ASSIGNMENT
What you return must be the lines from the first one below through the one containing "blk = doc.blocks.new('*U3')", exactly and with pictures excluded.

-- LISTED RECORDS follows --

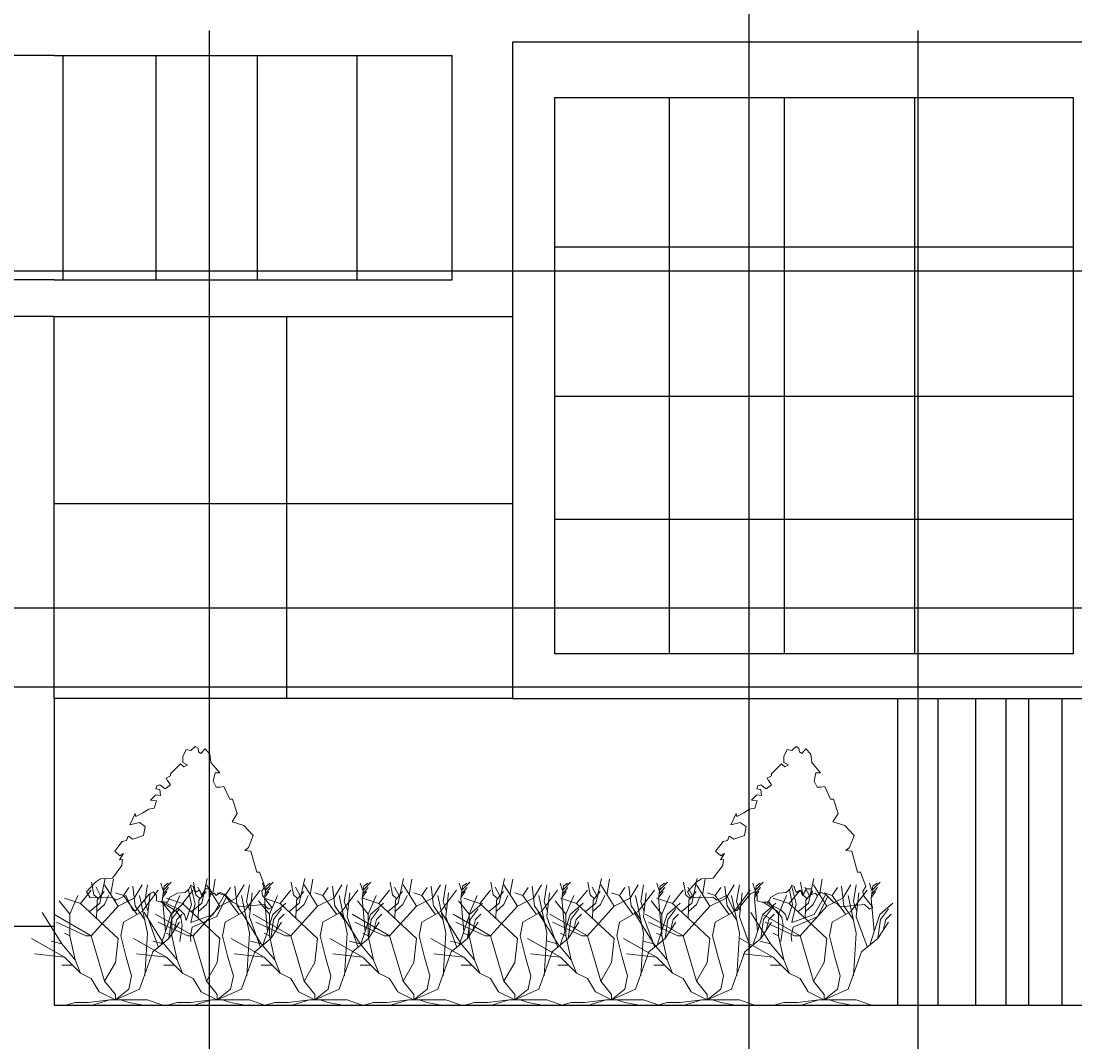
# Model space of a CAD drawing. Units: inches. Extents: x -117 to 121, y -77 to 40.
# Tile 22 of 45: x 3 to 28, y -32 to -8. Entities that reach past the tile are written whole.
import ezdxf

# ---------------------------------------------------------------- set-up
doc = ezdxf.new("R2010")
doc.units = ezdxf.units.IN
doc.header["$MEASUREMENT"] = 0
for name, color, linetype, lineweight in [('A-ANNO-DIMS', 2, 'Continuous', 18), ('A-ELEV', 7, 'Continuous', 25), ('L-PLNT', 3, 'Continuous', 13)]:
    doc.layers.add(name, color=color, linetype=linetype, lineweight=lineweight)
doc.styles.get("Standard").update_dxf_attribs({"font": 'arial.ttf'})
doc.dimstyles.get("Standard").update_dxf_attribs({"dimtxt": 0.18, "dimasz": 0.18, "dimexe": 0.18, "dimexo": 0.0625, "dimgap": 0.09, "dimtad": 0, "dimtih": 1, "dimtoh": 1, "dimdec": 4, "dimzin": 0, "dimdsep": 46, "dimtxsty": 'Standard', "dimcen": 0.09, "dimadec": 0, "dimazin": 0, "dimtfac": 1, "dimtdec": 4, "dimtofl": 0, "dimtmove": 0, "dimatfit": 3, "dimfxl": 1, "dimtolj": 1, "dimtzin": 0, "dimarcsym": 0})

# ---------------------------------------------------------------- blocks, each defined once
blk = doc.blocks.new('*U3')
for p, q in [((-11.433, 18.289), (-10.457, 22.749)), ((-12.471, 19.775), (-12.898, 22.044)), ((-11.28, 19.619), (-12.104, 21.184)), ((-8.16, 17.76), (-10.56, 21.6)), ((-9.48, 19.775), (-8.992, 22.592)), ((-7.2, 19.68), (-6.24, 21.12)), ((-5.086, 17.741), (-5.513, 21.34)), ((-5.28, 19.2), (-3.84, 21.6)), ((-3.377, 18.602), (-2.888, 21.575)), ((-0.508, 21.888), (-0.081, 20.558)), ((-0.203, 19.149), (0.102, 21.34)), ((-0.02, 20.01), (0.896, 21.105)), ((0.041, 20.714), (1.384, 22.044)), ((0.102, 21.34), (0.835, 21.888)), ((-14.88, 18.24), (-17.76, 19.2)), ((-16.8, 16.32), (-15.36, 19.68)), ((-14.88, 18.24), (-12.96, 20.64)), ((-11.677, 19.071), (-12.471, 19.775)), ((-11.921, 18.836), (-10.64, 20.401)), ((-10.579, 18.054), (-9.846, 19.697)), ((-7.2, 19.68), (-8.64, 20.16)), ((-8.16, 17.76), (-5.28, 19.2)), ((-4.8, 16.32), (-7.2, 19.68)), ((-2.88, 12.96), (-4.32, 19.68)), ((-3.84, 16.8), (-0.96, 20.64)), ((-2.88, 15.84), (-2.4, 20.16)), ((0.346, 13.203), (-0.203, 19.149)), ((-0.142, 19.384), (0.59, 20.401)), ((-16.8, 16.32), (-18.72, 18.72)), ((-8.16, 12), (-14.88, 18.24)), ((-13.325, 16.724), (-11.433, 18.289)), ((-12.96, 12.48), (-8.16, 17.76)), ((-12.043, 15.628), (-11.921, 18.836)), ((-11.982, 16.802), (-10.579, 18.054)), ((-3.377, 15.315), (-5.086, 17.819)), ((-2.766, 16.802), (-3.377, 18.602)), ((1.323, 16.254), (3.642, 18.289)), ((1.44, 15.36), (2.88, 17.28)), ((-18.24, 11.04), (-21.755, 16.655)), ((-12.96, 12.48), (-19.68, 16.32)), ((-16.8, 12.48), (-16.8, 16.32)), ((-7.2, 14.88), (-3.84, 16.8)), ((-0.96, 10.56), (-2.88, 15.84)), ((0.346, 13.203), (1.323, 16.254)), ((0.96, 12), (1.44, 15.36)), ((1.92, 13.44), (2.4, 15.36)), ((2.4, 15.36), (3.36, 16.32)), ((-13.92, 12.48), (-19.2, 14.88)), ((-7.68, 12.48), (-7.2, 14.88)), ((0.96, 12), (2.88, 14.88)), ((-17.76, 8.64), (-23.663, 11.961)), ((-18.24, 11.04), (-20.16, 11.52)), ((-16.8, 12.48), (-17.76, 12.96)), ((-15.84, 8.16), (-16.8, 12.48)), ((-12.96, 12.48), (-13.92, 12.48)), ((-10.56, 4.32), (-12.96, 12.48)), ((-8.64, 7.68), (-8.16, 12)), ((-6.72, 8.64), (-7.68, 12.48)), ((-3.36, 5.28), (-2.88, 12.96)), ((-1.92, 9.6), (0.96, 12)), ((-0.48, 10.8), (0.346, 13.203)), ((-15.84, 8.16), (-18.24, 11.04)), ((-4.32, 2.88), (-1.92, 9.6)), ((-17.76, 8.64), (-23.128, 9.222)), ((-14.88, 5.76), (-17.76, 8.64)), ((-14.88, 5.76), (-15.84, 8.16)), ((-10.56, 4.32), (-8.64, 7.68)), ((-5.76, 5.28), (-6.72, 8.64)), ((-16.32, 7.2), (-18.24, 7.2)), ((-12.96, 4.8), (-14.88, 5.76)), ((-11.52, 2.4), (-12.96, 4.8)), ((-8.64, 1.92), (-10.56, 4.32)), ((-6.24, 2.88), (-5.76, 5.28)), ((-8.64, 0.96), (-11.52, 2.4)), ((-8.64, 0.96), (-4.32, 2.88)), ((-8.64, 0.96), (-6.24, 2.88)), ((-8.64, 0.96), (-8.64, 1.92)), ((-15.84, 0.48), (-17.76, 0)), ((-13.44, 0.48), (-15.84, 0.48)), ((-9.6, 0.96), (-13.44, 0.48)), ((-9.6, 0.96), (-12.96, 0)), ((-9.6, 0.96), (-7.68, 0.96)), ((-8.64, 0.96), (-2.88, 0.96)), ((-7.68, 0.96), (-6.24, 0.48)), ((-6.24, 0.48), (-3.36, 0)), ((-2.88, 0.96), (0, 0))]:
    blk.add_line(p, q)
blk = doc.blocks.new('*U4')
for points in [[(22.0124, 137.721), (18.5475, 141.5624), (15.5282, 138.2446), (13.8028, 139.3505), (13.3714, 142.1153), (11.2148, 143.2214), (8.1954, 140.4564), (4.7447, 141.0094), (2.1567, 136.0326), (2.1567, 131.6088), (5.6074, 129.9499), (3.0193, 128.2909), (0.4313, 130.5029), (-6.9015, 123.3141), (-6.9015, 121.6552), (-9.9208, 119.9963), (-9.0581, 118.3373), (-6.9015, 115.0195), (-10.7835, 112.2546), (-14.6656, 115.0195), (-16.8222, 114.4665), (-17.6849, 112.2546), (-14.6656, 111.7016), (-14.2342, 107.2778), (-17.6065, 107.8307), (-21.5669, 103.9599), (-17.2536, 103.4069), (-18.9789, 97.8771), (-22.8609, 97.3241), (-27.1743, 94.5593), (-32.3504, 91.7944), (-32.7817, 94.0063), (-36.6638, 85.7116), (-29.7624, 87.3705), (-25.449, 84.6056), (-26.743, 77.9699), (-34.507, 75.205), (-37.9578, 77.4169), (-39.2518, 74.099), (-42.2711, 73.5461), (-44.8592, 70.2282), (-47.8786, 66.3574), (-43.9965, 63.0395), (-41.4085, 64.6985), (-44.3346, 59.8898), (-42.2089, 60.1377), (-42.5159, 55.7849), (-49.6039, 46.4502), (-58.2307, 45.8972), (-62.1127, 43.6853), (-68.5828, 36.4966), (-65.9947, 32.0727), (-50.0352, 32.6257), (-47.0159, 30.4138), (-39.6831, 33.7317), (-34.507, 22.6721), (-32.3504, 22.6721), (-22.4296, 34.8376), (-19.4102, 36.4966), (-17.2536, 33.7317), (-17.2536, 29.8608), (-13.8028, 28.7549), (-9.0581, 28.7549), (-7.3328, 32.6257), (-1.7254, 35.3906), (3.8821, 35.9436), (6.4701, 38.1555), (6.9014, 38.7085), (8.1954, 41.4734), (9.9208, 40.3674), (11.2148, 35.9436), (14.2341, 37.6025), (15.0968, 36.4966), (15.9595, 33.7317), (18.9789, 38.7085), (21.9982, 38.7085), (23.2922, 36.4966), (21.9982, 34.2847), (25.4489, 35.3906), (26.743, 33.7317), (29.7623, 35.9436), (32.7817, 34.8376), (38.8204, 28.7549), (41.4084, 27.6489), (43.5651, 25.437), (61.6813, 27.0959), (65.132, 23.7781), (67.7201, 24.884), (60.8186, 33.7317), (60.3873, 37.0495), (62.544, 40.3674), (58.662, 50.874), (56.5053, 50.874), (52.1919, 66.3574), (47.8785, 66.9103), (50.4665, 69.1222), (53.9172, 77.9699), (47.0158, 85.1586), (38.3891, 87.9235), (42.2711, 94.0063)], [(42.2711, 94.0063), (38.8204, 104.5129), (36.6637, 104.5129), (32.3503, 113.9135), (29.7623, 113.3605), (26.743, 113.3605), (24.5862, 117.7844), (25.8802, 123.8671), (29.331, 123.8671), (22.8609, 131.6088), (21.9982, 137.6916)], [(8.1954, 40.3674), (11.2148, 27.6489), (8.1954, 13.8245), (24.5862, 19.9072), (32.7817, 34.2847)], [(-9.9208, 28.2019), (0, 23.2251), (3.4507, 19.9072), (4.7447, 15.4834), (8.6267, 27.0959), (6.4701, 37.6025)], [(34.5071, 33.1787), (27.1743, 18.2483), (9.0581, 10.5066), (7.7641, 3.8708), (8.1954, 0)], [(-12.9401, 28.7549), (-2.588, 22.1191), (0.8626, 17.6953), (1.7253, 11.6125), (0, 0)]]:
    blk.add_lwpolyline(points)
blk = doc.blocks.new('*D32')
at = {"layer": 'A-ANNO-DIMS', "color": 0, "lineweight": -2, "transparency": 16777216}
for p, q in [((-3.85, -45.55), (-3.85, 38.61)), ((20.293, -45.55), (20.293, 38.61)), ((-3.67, 38.43), (7.757, 38.43)), ((20.113, 38.43), (8.686, 38.43))]:
    blk.add_line(p, q, dxfattribs=at)
at = {"layer": 'A-ANNO-DIMS', "color": 0, "transparency": 16777216}
for points in [[(-3.67, 38.46), (-3.67, 38.4), (-3.85, 38.43)], [(20.113, 38.46), (20.113, 38.4), (20.293, 38.43)]]:
    blk.add_solid(points, dxfattribs=at)
at = {"layer": 'Defpoints', "color": 0, "transparency": 16777216}
for p in [(20.293, 38.43), (-3.85, -45.613), (20.293, -45.613)]:
    blk.add_point(p, dxfattribs=at)
at = {"layer": 'A-ANNO-DIMS', "color": 0, "transparency": 16777216, "insert": (8.222, 38.43), "char_height": 0.18, "attachment_point": 5}
blk.add_mtext('\\A1;24.142', dxfattribs=at)
blk = doc.blocks.new('*D49')
at = {"layer": 'A-ANNO-DIMS', "color": 0, "lineweight": -2, "transparency": 16777216}
for p, q in [((-45.422, -23.501), (120.84, -23.501)), ((120.66, -23.681), (120.66, -31.426)), ((120.66, -39.536), (120.66, -31.79)), ((-45.471, -39.716), (120.84, -39.716))]:
    blk.add_line(p, q, dxfattribs=at)
at = {"layer": 'A-ANNO-DIMS', "color": 0, "transparency": 16777216}
for points in [[(120.63, -23.681), (120.69, -23.681), (120.66, -23.501)], [(120.63, -39.536), (120.69, -39.536), (120.66, -39.716)]]:
    blk.add_solid(points, dxfattribs=at)
at = {"layer": 'Defpoints', "color": 0, "transparency": 16777216}
for p in [(-45.485, -23.501), (120.66, -23.501), (-45.533, -39.716)]:
    blk.add_point(p, dxfattribs=at)
at = {"layer": 'A-ANNO-DIMS', "color": 0, "transparency": 16777216, "insert": (120.66, -31.608), "char_height": 0.18, "attachment_point": 5}
blk.add_mtext('\\A1;16.215', dxfattribs=at)
blk = doc.blocks.new('*D50')
at = {"layer": 'A-ANNO-DIMS', "color": 0, "lineweight": -2, "transparency": 16777216}
for p, q in [((-47.458, -13.74), (120.84, -13.74)), ((120.66, -13.92), (120.66, -17.512)), ((120.66, -21.468), (120.66, -17.876)), ((-47.458, -21.648), (120.84, -21.648))]:
    blk.add_line(p, q, dxfattribs=at)
at = {"layer": 'A-ANNO-DIMS', "color": 0, "transparency": 16777216}
for points in [[(120.63, -13.92), (120.69, -13.92), (120.66, -13.74)], [(120.63, -21.468), (120.69, -21.468), (120.66, -21.648)]]:
    blk.add_solid(points, dxfattribs=at)
at = {"layer": 'Defpoints', "color": 0, "transparency": 16777216}
for p in [(-47.521, -13.74), (120.66, -13.74), (-47.521, -21.648)]:
    blk.add_point(p, dxfattribs=at)
at = {"layer": 'A-ANNO-DIMS', "color": 0, "transparency": 16777216, "insert": (120.66, -17.694), "char_height": 0.18, "attachment_point": 5}
blk.add_mtext('\\A1;7.908', dxfattribs=at)
blk = doc.blocks.new('*D56')
at = {"layer": 'A-ANNO-DIMS', "color": 0, "lineweight": -2, "transparency": 16777216}
for p, q in [((-14.23, -7.853), (-14.23, -77.193)), ((7.628, -8.105), (7.628, -77.193)), ((-14.05, -77.013), (-3.766, -77.013)), ((7.448, -77.013), (-2.835, -77.013))]:
    blk.add_line(p, q, dxfattribs=at)
at = {"layer": 'A-ANNO-DIMS', "color": 0, "transparency": 16777216}
for points in [[(-14.05, -76.983), (-14.05, -77.043), (-14.23, -77.013)], [(7.448, -76.983), (7.448, -77.043), (7.628, -77.013)]]:
    blk.add_solid(points, dxfattribs=at)
at = {"layer": 'Defpoints', "color": 0, "transparency": 16777216}
for p in [(-14.23, -7.791), (7.628, -8.042), (7.628, -77.013)]:
    blk.add_point(p, dxfattribs=at)
at = {"layer": 'A-ANNO-DIMS', "color": 0, "transparency": 16777216, "insert": (-3.301, -77.013), "char_height": 0.18, "attachment_point": 5}
blk.add_mtext('\\A1;21.858', dxfattribs=at)
blk = doc.blocks.new('*D57')
at = {"layer": 'A-ANNO-DIMS', "color": 0, "lineweight": -2, "transparency": 16777216}
for p, q in [((7.628, -8.105), (7.628, -77.193)), ((24.248, -8.105), (24.248, -77.193)), ((7.808, -77.013), (15.483, -77.013)), ((24.068, -77.013), (16.393, -77.013))]:
    blk.add_line(p, q, dxfattribs=at)
at = {"layer": 'A-ANNO-DIMS', "color": 0, "transparency": 16777216}
for points in [[(7.808, -76.983), (7.808, -77.043), (7.628, -77.013)], [(24.068, -76.983), (24.068, -77.043), (24.248, -77.013)]]:
    blk.add_solid(points, dxfattribs=at)
at = {"layer": 'Defpoints', "color": 0, "transparency": 16777216}
for p in [(7.628, -8.042), (24.248, -8.042), (24.248, -77.013)]:
    blk.add_point(p, dxfattribs=at)
at = {"layer": 'A-ANNO-DIMS', "color": 0, "transparency": 16777216, "insert": (15.938, -77.013), "char_height": 0.18, "attachment_point": 5}
blk.add_mtext('\\A1;16.620', dxfattribs=at)
blk = doc.blocks.new('*D58')
at = {"layer": 'A-ANNO-DIMS', "color": 0, "lineweight": -2, "transparency": 16777216}
for p, q in [((24.248, -8.105), (24.248, -77.193)), ((57.61, -7.947), (57.61, -77.193)), ((24.428, -77.013), (40.467, -77.013)), ((57.43, -77.013), (41.392, -77.013))]:
    blk.add_line(p, q, dxfattribs=at)
at = {"layer": 'A-ANNO-DIMS', "color": 0, "transparency": 16777216}
for points in [[(24.428, -76.983), (24.428, -77.043), (24.248, -77.013)], [(57.43, -76.983), (57.43, -77.043), (57.61, -77.013)]]:
    blk.add_solid(points, dxfattribs=at)
at = {"layer": 'Defpoints', "color": 0, "transparency": 16777216}
for p in [(57.61, -7.885), (24.248, -8.042), (57.61, -77.013)]:
    blk.add_point(p, dxfattribs=at)
at = {"layer": 'A-ANNO-DIMS', "color": 0, "transparency": 16777216, "insert": (40.929, -77.013), "char_height": 0.18, "attachment_point": 5}
blk.add_mtext('\\A1;33.362', dxfattribs=at)

msp = doc.modelspace()

# ---------------------------------------------------------------- linework, layer by layer
at = {"layer": 'A-ELEV'}
for p, q in [((29.012, -8.3785), (14.7397, -8.3785)), ((14.7397, -8.3785), (14.7397, -8.8134)), ((3.9947, -8.6912), (-13.7272, -8.6912)), ((3.9947, -8.6912), (13.3263, -8.6912)), ((4.2039, -13.9556), (4.2039, -8.6912)), ((6.3832, -13.9556), (6.3832, -8.6912)), ((8.7651, -13.9556), (8.7651, -8.6912)), ((11.0964, -13.9556), (11.0964, -8.6912)), ((13.3263, -13.9556), (13.3263, -8.6912)), ((14.7397, -8.8134), (14.7397, -23.7756)), ((15.7326, -9.6801), (27.8856, -9.6801)), ((15.7326, -22.7278), (15.7326, -9.6801)), ((18.419, -9.6801), (18.419, -22.7278)), ((21.1133, -9.6801), (21.1133, -22.7278)), ((24.1718, -9.6801), (24.1718, -22.7278)), ((27.8856, -9.6801), (27.8856, -22.7278)), ((15.7326, -13.1807), (27.8856, -13.1807)), ((3.9947, -13.9556), (-13.7272, -13.9556)), ((3.9947, -13.9556), (13.3263, -13.9556)), ((3.9947, -14.8161), (-13.7272, -14.8161)), ((3.9947, -23.7756), (3.9947, -14.8161)), ((3.9947, -14.8161), (14.7397, -14.8161)), ((9.4524, -23.7756), (9.4524, -14.8161)), ((15.7326, -16.6813), (27.8856, -16.6813)), ((3.9947, -19.2007), (14.7397, -19.2007)), ((15.7326, -19.5699), (27.8856, -19.5699)), ((27.8856, -22.7278), (15.7326, -22.7278)), ((22.0645, -22.7074), (22.0645, -22.7278)), ((22.8894, -22.7074), (22.8894, -22.7278)), ((23.7732, -22.7074), (23.7732, -22.7278)), ((24.7159, -22.7074), (24.7159, -22.7278)), ((25.5997, -22.7074), (25.5997, -22.7278)), ((26.312, -22.7074), (26.312, -22.7278)), ((26.8414, -22.7074), (26.8414, -22.7278)), ((27.6241, -22.7074), (27.6241, -22.7278)), ((14.7397, -23.7756), (3.9947, -23.7756)), ((3.9947, -23.7756), (3.9947, -30.968)), ((14.7397, -23.7756), (29.012, -23.7756)), ((23.7732, -23.7756), (23.7732, -30.968)), ((24.7159, -23.7756), (24.7159, -30.968)), ((25.5997, -23.7756), (25.5997, -30.968)), ((26.312, -23.7756), (26.312, -30.968)), ((26.8414, -23.7756), (26.8414, -30.968)), ((27.6241, -23.7756), (27.6241, -30.968)), ((-13.7272, -29.1126), (3.9947, -29.1126)), ((3.9947, -30.968), (21.9795, -30.968)), ((21.9795, -30.968), (38.5013, -30.968))]:
    msp.add_line(p, q, dxfattribs=at)

# ---------------------------------------------------------------- block references
at = {"layer": 'L-PLNT'}
for name, p, xscale, yscale, zscale in [('*U4', (6.9415, -29.4693), 0.0318946538926936, 0.0318946538926936, 0.0318946538926936), ('*U4', (21.0324, -29.4693), 0.0318946538926936, 0.0318946538926936, 0.0318946538926936), ('*U3', (6.5606, -30.9685), 0.1308970629423973, 0.1308970629423973, 0.1308970629423973), ('*U3', (8.9503, -30.9685), 0.1308970629423973, 0.1308970629423973, 0.1308970629423973), ('*U3', (11.2403, -30.9685), 0.1308970629423973, 0.1308970629423973, 0.1308970629423973), ('*U3', (13.5583, -30.9685), 0.1308970629423973, 0.1308970629423973, 0.1308970629423973), ('*U3', (15.924, -30.9685), 0.1308970629423973, 0.1308970629423973, 0.1308970629423973), ('*U3', (18.1942, -30.9685), 0.1308970629423973, 0.1308970629423973, 0.1308970629423973), ('*U3', (20.4405, -30.9685), 0.1308970629423973, 0.1308970629423973, 0.1308970629423973), ('*U3', (23.1804, -30.9685), 0.1308970629423973, 0.1308970629423973, 0.1308970629423973)]:
    msp.add_blockref(name, p, dxfattribs=dict(at, xscale=xscale, yscale=yscale, zscale=zscale))

# ---------------------------------------------------------------- dimensions: what is measured, and where the dimension line sits
at = {"layer": 'A-ANNO-DIMS'}
for base, p1, p2, picture, middle in [((20.2929, 38.4297), (-3.8495, -45.6125), (20.2929, -45.6125), '*D32', (8.2217, 38.4297)), ((7.6284, -77.0135), (-14.2298, -7.7907), (7.6284, -8.0421), '*D56', (-3.3007, -77.0135)), ((57.6104, -77.0135), (24.2481, -8.0421), (57.6104, -7.8846), '*D58', (40.9293, -77.0135)), ((24.2481, -77.0135), (7.6284, -8.0421), (24.2481, -8.0421), '*D57', (15.9383, -77.0135))]:
    dim = msp.add_linear_dim(base=base, p1=p1, p2=p2, dimstyle='Standard', override={"dimdec": 3, "dimlfac": 1, "dimrnd": 0, "dimzin": 0, "dimdsep": 46, "dimlunit": 2}, dxfattribs=at)
    dim.commit()
    dim.dimension.update_dxf_attribs({"geometry": picture, "text_midpoint": middle})
for base, p1, p2, picture, middle in [((120.6602, -13.74), (-47.5206, -21.6476), (-47.5206, -13.74), '*D50', (120.6602, -17.6938)), ((120.6602, -23.5007), (-45.5331, -39.716), (-45.4848, -23.5007), '*D49', (120.6602, -31.6083))]:
    dim = msp.add_linear_dim(base=base, p1=p1, p2=p2, angle=90, dimstyle='Standard', override={"dimdec": 3, "dimlfac": 1, "dimrnd": 0, "dimzin": 0, "dimdsep": 46, "dimlunit": 2}, dxfattribs=at)
    dim.commit()
    dim.dimension.update_dxf_attribs({"geometry": picture, "text_midpoint": middle})

doc.saveas('drawing.dxf')

-- LISTED RECORDS concluded --

ANSWER TO THE EXERCISE
# Model space of a CAD drawing. Units: inches. Extents: x -117 to 121, y -77 to 40.
# Tile 22 of 45: x 3 to 28, y -32 to -8. Entities that reach past the tile are written whole.
import ezdxf

# ---------------------------------------------------------------- set-up
doc = ezdxf.new("R2010")
doc.units = ezdxf.units.IN
doc.header["$MEASUREMENT"] = 0
for name, color, linetype, lineweight in [('A-ANNO-DIMS', 2, 'Continuous', 18), ('A-ELEV', 7, 'Continuous', 25), ('L-PLNT', 3, 'Continuous', 13)]:
    doc.layers.add(name, color=color, linetype=linetype, lineweight=lineweight)
doc.styles.get("Standard").update_dxf_attribs({"font": 'arial.ttf'})
doc.dimstyles.get("Standard").update_dxf_attribs({"dimtxt": 0.18, "dimasz": 0.18, "dimexe": 0.18, "dimexo": 0.0625, "dimgap": 0.09, "dimtad": 0, "dimtih": 1, "dimtoh": 1, "dimdec": 4, "dimzin": 0, "dimdsep": 46, "dimtxsty": 'Standard', "dimcen": 0.09, "dimadec": 0, "dimazin": 0, "dimtfac": 1, "dimtdec": 4, "dimtofl": 0, "dimtmove": 0, "dimatfit": 3, "dimfxl": 1, "dimtolj": 1, "dimtzin": 0, "dimarcsym": 0})

# ---------------------------------------------------------------- blocks, each defined once
blk = doc.blocks.new('*U3')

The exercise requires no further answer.